#### [Exercise brief]
Only lines that contain the string "sketch" should be returned from the material below.
[Data for the task — start]
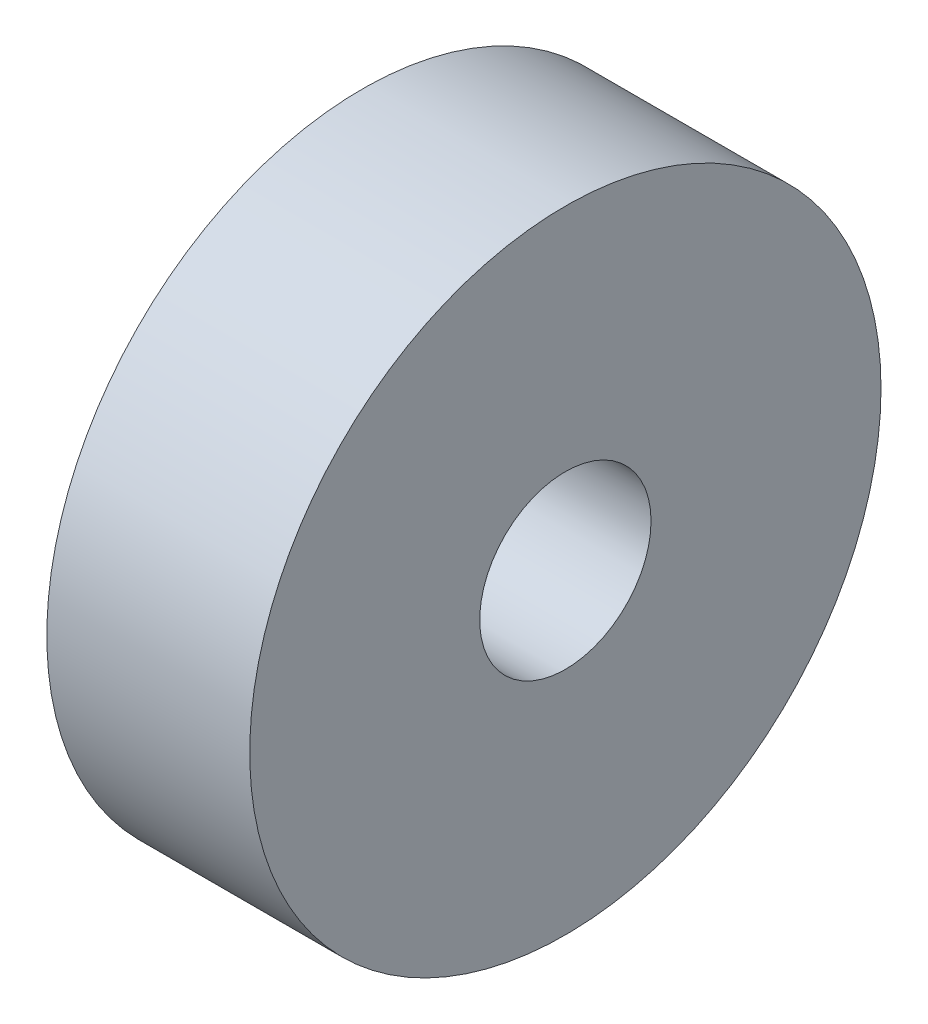
SolidWorks part; units mm, degrees
material "AISI 1045 钢，冷拔"
ref_plane "Front Plane" through (0, 0, 0) normal (0, 0, 1) x (1, 0, 0)
ref_plane "Top Plane" through (0, 0, 0) normal (0, 1, 0) x (1, 0, 0)
ref_plane "Right Plane" through (0, 0, 0) normal (1, 0, 0) x (0, 0, -1)
sketch "Sketch1" plane through (0, 0, 0) normal (0, 0, 1) x (1, 0, 0)
  line L0 (71.9012, 0) -> (0, 0) construction
  line L1 (0, 0) -> (0, 101.4822) construction
  line L3 (-45, 38) -> (45, 38)
  line L4 (-45, 38) -> (-45, 140)
  line L5 (-45, 140) -> (45, 140)
  line L6 (45, 38) -> (45, 140)
  line L7 (-45, 38) -> (45, 140) construction
  line L8 (-45, 140) -> (45, 38) construction
  point P3 (0, 89)
  dimension "D1" = 90
  dimension "D2" = 280
  dimension "D3" = 76
revolve "Revolve1" add sketch "Sketch1" angle 360 about L0
[Data for the task — finish]
#### [Answer to this task]
sketch "Sketch1" plane through (0, 0, 0) normal (0, 0, 1) x (1, 0, 0)
revolve "Revolve1" add sketch "Sketch1" angle 360 about L0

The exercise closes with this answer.